▸ **EXERCISE PROMPT**: Check each line below for the word "DOOR". How many have it? Answer with the number only.

··········

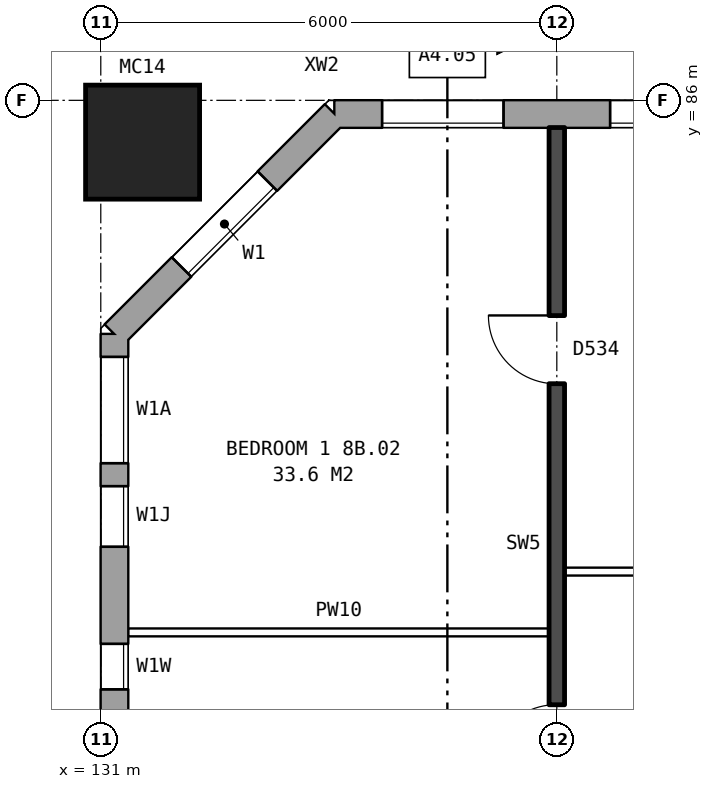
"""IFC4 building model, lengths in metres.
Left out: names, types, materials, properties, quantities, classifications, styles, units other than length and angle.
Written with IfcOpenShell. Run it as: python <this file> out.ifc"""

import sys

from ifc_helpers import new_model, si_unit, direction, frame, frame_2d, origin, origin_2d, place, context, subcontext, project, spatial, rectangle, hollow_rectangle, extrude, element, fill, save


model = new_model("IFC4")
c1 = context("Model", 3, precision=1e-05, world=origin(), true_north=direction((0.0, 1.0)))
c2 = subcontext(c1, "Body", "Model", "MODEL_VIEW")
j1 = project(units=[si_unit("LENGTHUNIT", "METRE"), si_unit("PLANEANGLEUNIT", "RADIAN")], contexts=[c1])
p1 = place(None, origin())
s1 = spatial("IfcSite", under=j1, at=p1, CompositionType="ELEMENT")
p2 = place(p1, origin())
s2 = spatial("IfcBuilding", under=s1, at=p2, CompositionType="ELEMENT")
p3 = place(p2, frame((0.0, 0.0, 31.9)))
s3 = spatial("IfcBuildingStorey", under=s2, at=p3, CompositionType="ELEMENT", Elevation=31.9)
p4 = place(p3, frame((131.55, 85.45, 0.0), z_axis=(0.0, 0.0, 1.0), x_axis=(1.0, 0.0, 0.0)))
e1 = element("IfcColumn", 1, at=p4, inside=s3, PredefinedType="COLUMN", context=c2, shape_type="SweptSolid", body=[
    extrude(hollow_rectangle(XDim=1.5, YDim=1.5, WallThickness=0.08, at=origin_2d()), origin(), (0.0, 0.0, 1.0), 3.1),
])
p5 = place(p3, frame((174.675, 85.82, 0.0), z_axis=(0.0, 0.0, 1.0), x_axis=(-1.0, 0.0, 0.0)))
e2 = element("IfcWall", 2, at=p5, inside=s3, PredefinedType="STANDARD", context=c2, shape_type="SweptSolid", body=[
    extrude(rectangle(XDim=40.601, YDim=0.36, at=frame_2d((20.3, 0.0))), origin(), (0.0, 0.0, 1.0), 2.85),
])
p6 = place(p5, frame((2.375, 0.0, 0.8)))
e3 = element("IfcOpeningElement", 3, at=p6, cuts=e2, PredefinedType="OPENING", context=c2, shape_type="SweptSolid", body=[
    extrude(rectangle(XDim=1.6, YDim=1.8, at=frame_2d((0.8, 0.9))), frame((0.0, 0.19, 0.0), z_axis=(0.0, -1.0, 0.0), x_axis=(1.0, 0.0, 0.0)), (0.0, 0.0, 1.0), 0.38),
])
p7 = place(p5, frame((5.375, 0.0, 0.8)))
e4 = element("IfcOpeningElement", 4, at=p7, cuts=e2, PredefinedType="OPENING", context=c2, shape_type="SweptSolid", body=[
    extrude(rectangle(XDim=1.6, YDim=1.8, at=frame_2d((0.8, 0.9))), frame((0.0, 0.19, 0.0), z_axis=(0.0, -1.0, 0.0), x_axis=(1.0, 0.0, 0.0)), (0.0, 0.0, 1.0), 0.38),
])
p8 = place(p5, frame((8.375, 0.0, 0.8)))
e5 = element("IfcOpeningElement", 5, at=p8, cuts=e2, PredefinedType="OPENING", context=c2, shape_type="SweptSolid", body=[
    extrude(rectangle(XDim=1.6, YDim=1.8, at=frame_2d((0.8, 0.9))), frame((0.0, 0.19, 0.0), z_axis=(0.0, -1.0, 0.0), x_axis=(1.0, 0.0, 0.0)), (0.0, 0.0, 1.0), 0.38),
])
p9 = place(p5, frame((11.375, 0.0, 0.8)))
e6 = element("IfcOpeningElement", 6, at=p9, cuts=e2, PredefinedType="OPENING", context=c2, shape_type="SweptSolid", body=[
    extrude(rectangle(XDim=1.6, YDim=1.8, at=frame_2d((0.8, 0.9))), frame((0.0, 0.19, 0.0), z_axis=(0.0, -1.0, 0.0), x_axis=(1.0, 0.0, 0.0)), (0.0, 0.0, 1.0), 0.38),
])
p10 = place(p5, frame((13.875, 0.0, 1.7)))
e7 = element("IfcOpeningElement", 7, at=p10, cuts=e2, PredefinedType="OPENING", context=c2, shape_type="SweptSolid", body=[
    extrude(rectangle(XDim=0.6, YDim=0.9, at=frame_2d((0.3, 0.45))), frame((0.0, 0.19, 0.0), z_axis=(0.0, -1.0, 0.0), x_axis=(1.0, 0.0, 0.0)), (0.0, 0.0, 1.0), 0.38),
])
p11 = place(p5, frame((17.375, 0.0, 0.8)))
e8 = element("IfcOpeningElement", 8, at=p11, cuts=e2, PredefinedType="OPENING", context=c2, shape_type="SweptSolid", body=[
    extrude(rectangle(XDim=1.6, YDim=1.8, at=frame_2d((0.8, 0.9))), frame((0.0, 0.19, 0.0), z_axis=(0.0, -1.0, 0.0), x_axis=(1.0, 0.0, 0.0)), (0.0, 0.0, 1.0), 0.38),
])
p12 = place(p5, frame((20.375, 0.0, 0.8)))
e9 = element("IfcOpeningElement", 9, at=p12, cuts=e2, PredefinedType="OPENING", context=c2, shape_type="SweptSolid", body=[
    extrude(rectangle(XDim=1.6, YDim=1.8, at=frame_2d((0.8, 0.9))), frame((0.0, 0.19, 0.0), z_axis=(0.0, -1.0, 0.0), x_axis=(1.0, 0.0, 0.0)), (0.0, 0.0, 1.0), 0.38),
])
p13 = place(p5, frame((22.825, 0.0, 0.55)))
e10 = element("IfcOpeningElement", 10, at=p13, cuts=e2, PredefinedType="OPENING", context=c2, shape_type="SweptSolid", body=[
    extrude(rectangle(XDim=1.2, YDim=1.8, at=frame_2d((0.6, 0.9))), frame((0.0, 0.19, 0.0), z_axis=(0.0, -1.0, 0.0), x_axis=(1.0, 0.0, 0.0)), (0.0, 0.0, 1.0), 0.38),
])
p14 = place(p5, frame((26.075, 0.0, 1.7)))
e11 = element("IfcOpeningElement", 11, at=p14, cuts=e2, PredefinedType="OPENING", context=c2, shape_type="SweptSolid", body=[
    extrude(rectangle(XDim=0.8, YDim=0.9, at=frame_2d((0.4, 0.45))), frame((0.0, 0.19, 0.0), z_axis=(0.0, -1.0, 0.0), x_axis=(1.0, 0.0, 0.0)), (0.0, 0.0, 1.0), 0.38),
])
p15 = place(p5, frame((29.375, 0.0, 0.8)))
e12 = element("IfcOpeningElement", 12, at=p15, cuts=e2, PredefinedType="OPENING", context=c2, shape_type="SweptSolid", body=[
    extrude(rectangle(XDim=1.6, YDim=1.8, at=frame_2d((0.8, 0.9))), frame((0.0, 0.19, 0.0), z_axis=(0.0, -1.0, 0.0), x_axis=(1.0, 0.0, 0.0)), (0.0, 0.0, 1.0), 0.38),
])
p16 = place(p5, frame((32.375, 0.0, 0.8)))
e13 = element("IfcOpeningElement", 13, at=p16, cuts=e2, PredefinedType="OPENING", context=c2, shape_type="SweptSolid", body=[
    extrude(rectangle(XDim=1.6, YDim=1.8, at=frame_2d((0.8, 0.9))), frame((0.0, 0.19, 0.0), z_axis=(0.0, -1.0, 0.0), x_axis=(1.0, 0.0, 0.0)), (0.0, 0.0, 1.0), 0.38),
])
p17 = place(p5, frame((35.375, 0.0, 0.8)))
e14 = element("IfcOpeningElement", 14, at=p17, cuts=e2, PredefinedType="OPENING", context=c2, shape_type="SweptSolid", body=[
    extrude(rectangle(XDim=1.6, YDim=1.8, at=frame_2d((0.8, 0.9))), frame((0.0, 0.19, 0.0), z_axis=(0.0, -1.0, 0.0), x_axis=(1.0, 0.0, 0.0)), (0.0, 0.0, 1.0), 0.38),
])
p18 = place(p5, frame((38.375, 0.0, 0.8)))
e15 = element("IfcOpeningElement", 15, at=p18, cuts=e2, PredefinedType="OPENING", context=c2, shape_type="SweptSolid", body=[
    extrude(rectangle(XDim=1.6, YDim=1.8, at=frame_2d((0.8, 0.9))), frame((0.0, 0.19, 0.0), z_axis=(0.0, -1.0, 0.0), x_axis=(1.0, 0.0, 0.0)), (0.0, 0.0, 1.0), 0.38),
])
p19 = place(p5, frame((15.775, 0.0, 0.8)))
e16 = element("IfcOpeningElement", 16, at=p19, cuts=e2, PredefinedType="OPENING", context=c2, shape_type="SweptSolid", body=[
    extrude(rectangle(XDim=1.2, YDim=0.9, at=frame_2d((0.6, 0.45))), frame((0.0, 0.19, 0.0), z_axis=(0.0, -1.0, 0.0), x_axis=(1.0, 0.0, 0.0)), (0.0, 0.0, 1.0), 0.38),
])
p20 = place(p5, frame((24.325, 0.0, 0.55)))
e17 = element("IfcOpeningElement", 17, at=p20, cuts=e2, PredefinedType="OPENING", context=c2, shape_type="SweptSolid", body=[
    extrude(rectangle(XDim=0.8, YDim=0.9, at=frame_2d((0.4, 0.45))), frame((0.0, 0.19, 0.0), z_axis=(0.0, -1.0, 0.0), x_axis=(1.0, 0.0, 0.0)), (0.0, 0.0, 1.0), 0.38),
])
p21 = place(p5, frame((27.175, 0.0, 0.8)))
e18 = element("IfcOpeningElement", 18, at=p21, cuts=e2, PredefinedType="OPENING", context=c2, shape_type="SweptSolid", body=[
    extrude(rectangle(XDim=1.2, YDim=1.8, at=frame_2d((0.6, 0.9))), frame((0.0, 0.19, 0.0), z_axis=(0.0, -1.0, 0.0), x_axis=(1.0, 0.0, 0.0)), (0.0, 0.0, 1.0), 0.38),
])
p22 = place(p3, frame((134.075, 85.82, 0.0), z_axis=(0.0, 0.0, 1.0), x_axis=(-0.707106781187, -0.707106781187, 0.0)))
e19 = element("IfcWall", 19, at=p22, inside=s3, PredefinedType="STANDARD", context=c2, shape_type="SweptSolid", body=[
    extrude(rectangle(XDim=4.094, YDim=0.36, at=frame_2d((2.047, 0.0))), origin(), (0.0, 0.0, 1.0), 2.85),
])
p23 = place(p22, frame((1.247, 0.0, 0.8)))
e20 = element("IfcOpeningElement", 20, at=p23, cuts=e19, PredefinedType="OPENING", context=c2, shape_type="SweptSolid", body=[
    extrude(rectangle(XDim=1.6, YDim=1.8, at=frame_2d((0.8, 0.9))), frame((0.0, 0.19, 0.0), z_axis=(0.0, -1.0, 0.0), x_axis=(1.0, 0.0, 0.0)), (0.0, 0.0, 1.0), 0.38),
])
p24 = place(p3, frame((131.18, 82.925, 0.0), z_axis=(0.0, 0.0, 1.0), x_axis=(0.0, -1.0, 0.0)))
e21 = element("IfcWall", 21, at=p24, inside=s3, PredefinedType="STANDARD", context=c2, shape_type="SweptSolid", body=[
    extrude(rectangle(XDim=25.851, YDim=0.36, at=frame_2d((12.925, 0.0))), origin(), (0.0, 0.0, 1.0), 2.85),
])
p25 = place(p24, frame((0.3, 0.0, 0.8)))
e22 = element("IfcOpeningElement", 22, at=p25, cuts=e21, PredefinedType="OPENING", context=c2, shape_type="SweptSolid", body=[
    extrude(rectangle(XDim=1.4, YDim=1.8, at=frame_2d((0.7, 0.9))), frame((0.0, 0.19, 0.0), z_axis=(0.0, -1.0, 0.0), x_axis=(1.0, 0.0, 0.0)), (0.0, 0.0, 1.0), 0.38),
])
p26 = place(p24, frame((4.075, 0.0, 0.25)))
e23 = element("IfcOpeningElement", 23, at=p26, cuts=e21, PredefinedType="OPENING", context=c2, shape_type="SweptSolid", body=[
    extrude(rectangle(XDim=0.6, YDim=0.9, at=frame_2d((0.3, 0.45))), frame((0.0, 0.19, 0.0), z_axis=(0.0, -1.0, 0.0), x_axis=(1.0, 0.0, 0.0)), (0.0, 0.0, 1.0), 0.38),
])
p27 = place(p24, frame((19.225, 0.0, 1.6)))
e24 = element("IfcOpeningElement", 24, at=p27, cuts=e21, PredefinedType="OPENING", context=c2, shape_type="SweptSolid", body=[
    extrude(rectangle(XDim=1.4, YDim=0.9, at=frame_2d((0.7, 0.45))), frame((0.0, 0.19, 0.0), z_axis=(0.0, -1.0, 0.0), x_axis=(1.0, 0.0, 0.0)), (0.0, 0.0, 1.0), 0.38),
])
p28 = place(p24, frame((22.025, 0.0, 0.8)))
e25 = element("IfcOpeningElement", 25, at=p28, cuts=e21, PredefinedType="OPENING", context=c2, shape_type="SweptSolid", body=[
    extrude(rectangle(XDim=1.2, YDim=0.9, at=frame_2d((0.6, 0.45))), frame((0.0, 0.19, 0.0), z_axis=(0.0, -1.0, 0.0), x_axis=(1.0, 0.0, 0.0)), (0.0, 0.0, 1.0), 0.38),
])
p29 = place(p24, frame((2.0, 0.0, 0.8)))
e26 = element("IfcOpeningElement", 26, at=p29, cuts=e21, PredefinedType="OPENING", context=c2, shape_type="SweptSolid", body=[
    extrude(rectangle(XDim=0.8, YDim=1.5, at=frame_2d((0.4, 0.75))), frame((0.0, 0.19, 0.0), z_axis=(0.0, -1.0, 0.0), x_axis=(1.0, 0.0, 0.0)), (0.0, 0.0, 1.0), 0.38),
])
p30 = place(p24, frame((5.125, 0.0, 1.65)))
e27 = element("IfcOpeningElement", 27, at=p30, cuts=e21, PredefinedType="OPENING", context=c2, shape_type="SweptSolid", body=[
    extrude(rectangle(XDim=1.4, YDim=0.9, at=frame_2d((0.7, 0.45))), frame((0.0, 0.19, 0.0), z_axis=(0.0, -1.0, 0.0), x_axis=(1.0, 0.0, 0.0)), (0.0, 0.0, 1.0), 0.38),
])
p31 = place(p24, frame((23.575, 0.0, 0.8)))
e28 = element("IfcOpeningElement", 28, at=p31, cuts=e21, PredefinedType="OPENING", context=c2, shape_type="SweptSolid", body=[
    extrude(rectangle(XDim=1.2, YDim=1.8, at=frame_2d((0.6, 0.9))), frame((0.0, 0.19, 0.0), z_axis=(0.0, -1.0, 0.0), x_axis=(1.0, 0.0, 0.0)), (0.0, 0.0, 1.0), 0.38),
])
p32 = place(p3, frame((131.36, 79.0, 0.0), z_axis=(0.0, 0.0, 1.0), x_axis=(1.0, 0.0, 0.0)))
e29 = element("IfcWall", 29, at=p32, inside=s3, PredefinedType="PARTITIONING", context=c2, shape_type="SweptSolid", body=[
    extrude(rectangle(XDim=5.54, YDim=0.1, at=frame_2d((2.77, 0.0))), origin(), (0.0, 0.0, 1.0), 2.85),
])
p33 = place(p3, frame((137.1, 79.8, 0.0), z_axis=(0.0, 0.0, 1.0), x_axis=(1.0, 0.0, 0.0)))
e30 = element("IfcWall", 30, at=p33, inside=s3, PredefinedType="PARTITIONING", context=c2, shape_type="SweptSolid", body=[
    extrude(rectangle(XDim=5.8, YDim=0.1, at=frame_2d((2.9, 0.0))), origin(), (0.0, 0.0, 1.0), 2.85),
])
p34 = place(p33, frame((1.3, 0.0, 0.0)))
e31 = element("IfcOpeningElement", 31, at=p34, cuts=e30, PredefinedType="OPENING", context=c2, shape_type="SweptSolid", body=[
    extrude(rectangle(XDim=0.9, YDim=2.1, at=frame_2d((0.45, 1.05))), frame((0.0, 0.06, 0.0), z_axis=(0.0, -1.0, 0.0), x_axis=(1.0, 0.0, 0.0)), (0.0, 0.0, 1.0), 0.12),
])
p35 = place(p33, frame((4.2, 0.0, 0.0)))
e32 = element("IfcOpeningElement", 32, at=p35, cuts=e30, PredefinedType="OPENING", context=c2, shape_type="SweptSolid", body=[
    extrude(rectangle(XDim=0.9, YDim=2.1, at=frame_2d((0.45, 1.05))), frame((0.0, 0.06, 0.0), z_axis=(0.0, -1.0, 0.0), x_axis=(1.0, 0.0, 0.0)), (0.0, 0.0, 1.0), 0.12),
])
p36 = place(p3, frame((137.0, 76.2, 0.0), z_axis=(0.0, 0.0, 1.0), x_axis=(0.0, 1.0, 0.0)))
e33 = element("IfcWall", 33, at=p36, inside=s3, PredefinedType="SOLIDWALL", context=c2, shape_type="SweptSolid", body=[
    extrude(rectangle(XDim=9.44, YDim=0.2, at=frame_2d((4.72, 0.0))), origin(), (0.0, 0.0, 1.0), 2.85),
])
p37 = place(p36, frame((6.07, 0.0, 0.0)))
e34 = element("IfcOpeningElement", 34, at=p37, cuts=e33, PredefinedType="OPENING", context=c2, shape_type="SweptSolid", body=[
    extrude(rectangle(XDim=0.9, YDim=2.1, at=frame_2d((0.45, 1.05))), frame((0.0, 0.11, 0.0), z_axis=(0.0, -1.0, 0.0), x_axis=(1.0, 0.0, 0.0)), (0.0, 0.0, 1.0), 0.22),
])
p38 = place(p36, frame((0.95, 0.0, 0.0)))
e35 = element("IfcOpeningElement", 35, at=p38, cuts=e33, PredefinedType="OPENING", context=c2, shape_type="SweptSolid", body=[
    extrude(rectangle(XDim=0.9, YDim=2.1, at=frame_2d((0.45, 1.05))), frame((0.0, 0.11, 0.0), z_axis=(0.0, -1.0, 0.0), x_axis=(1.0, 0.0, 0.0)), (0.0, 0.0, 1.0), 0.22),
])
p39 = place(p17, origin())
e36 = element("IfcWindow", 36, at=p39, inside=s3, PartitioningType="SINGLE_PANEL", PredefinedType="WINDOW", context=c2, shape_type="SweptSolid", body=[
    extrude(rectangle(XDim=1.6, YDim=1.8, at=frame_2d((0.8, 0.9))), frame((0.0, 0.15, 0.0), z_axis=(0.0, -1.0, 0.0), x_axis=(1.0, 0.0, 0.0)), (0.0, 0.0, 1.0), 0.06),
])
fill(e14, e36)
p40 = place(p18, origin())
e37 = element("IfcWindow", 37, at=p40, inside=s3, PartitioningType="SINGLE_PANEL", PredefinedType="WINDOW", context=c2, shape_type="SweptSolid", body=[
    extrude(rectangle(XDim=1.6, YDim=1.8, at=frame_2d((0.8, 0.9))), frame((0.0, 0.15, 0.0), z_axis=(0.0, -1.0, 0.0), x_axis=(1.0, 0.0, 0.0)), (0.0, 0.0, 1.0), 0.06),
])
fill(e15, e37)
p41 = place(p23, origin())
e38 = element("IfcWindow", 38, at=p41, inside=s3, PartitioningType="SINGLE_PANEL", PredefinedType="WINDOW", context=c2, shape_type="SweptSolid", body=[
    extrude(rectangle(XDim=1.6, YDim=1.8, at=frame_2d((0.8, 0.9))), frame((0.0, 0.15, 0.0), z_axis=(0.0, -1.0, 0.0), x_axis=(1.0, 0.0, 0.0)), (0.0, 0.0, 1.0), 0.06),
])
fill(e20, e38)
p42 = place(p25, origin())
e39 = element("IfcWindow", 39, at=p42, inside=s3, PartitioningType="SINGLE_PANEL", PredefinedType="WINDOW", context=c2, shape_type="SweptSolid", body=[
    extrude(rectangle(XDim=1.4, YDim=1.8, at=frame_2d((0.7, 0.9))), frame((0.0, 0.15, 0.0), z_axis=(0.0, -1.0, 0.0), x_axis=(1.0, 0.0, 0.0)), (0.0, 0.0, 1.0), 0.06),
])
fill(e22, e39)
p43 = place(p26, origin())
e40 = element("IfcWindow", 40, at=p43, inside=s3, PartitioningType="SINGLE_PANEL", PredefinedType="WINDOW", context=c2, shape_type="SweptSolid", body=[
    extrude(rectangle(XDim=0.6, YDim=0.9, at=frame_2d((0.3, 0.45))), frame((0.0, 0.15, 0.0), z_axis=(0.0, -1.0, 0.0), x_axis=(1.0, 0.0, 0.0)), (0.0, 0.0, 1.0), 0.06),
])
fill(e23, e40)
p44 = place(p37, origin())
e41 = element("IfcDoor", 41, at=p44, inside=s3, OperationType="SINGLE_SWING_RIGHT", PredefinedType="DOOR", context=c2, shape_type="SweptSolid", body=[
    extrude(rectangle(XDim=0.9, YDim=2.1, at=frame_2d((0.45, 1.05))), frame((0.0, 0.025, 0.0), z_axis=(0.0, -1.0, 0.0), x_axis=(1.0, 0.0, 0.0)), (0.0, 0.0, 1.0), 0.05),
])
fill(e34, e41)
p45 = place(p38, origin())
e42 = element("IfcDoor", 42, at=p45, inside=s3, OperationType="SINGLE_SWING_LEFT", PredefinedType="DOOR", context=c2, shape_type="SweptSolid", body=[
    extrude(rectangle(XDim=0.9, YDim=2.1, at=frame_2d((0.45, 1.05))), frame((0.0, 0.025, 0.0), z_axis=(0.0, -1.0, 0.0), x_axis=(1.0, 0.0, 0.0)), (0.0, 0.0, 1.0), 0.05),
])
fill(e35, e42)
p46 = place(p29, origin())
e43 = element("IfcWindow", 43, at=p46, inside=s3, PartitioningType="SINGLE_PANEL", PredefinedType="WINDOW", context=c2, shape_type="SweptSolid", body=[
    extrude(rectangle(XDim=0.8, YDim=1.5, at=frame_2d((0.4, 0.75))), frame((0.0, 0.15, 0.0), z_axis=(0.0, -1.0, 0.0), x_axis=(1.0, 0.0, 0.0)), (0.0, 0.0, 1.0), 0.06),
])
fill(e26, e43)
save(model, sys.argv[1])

··········

▸ **WORKED SOLUTION**: 2